> **What to do**
Within the records below, find each line that holds the string "import", then copy it.

Start of Source data

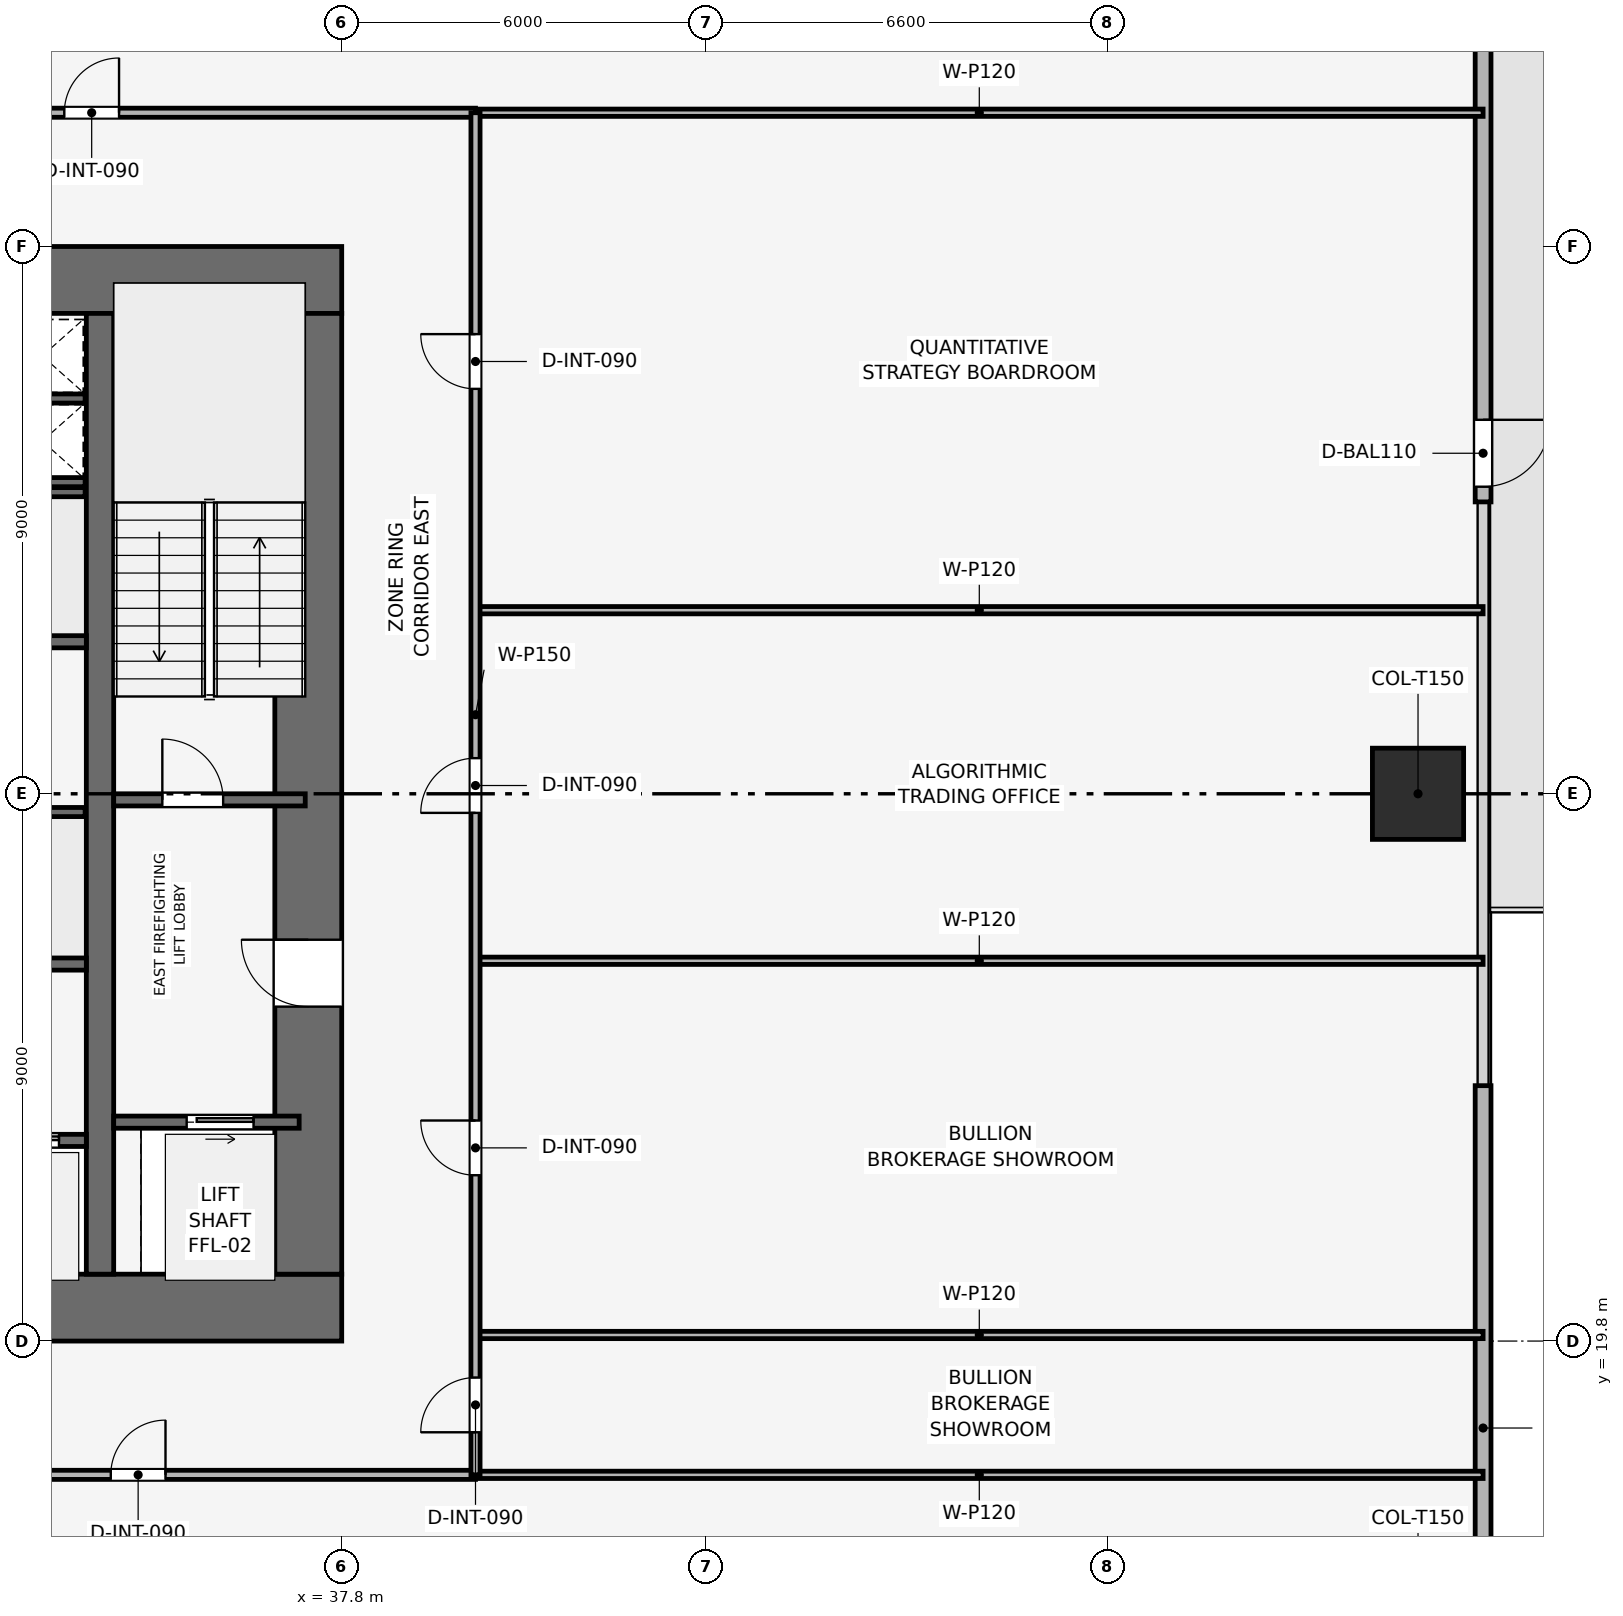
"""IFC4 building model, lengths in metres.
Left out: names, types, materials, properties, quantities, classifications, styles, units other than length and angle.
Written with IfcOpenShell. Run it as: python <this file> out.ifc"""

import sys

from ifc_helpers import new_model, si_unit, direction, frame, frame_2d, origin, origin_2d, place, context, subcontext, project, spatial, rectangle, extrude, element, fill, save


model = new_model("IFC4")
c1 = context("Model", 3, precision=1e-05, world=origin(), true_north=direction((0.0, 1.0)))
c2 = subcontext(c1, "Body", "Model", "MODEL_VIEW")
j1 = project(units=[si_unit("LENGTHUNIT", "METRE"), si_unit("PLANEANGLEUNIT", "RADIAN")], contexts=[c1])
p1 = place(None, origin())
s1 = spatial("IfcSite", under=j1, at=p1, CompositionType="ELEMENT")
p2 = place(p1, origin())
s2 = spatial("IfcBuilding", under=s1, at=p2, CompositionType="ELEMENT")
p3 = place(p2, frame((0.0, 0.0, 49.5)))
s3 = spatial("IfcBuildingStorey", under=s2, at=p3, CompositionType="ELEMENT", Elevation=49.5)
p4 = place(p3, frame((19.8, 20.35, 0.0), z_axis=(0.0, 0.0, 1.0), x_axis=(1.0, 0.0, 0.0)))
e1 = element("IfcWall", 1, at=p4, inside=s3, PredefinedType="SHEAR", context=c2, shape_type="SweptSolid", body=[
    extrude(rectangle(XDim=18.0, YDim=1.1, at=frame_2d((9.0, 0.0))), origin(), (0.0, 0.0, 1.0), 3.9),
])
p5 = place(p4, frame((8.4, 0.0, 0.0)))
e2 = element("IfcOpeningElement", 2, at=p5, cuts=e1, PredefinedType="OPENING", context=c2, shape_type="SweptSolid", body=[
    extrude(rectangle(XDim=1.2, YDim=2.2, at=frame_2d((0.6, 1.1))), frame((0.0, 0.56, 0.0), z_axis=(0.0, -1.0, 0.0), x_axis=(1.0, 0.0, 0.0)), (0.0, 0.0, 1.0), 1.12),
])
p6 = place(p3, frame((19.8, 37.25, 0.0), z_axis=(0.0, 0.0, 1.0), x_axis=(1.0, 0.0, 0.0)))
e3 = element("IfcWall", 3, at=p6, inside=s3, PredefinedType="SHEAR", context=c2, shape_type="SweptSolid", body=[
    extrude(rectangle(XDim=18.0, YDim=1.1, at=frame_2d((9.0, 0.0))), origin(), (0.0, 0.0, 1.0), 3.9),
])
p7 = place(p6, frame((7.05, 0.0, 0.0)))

End of Source data

> **Solution**
import sys
from ifc_helpers import new_model, si_unit, direction, frame, frame_2d, origin, origin_2d, place, context, subcontext, project, spatial, rectangle, extrude, element, fill, save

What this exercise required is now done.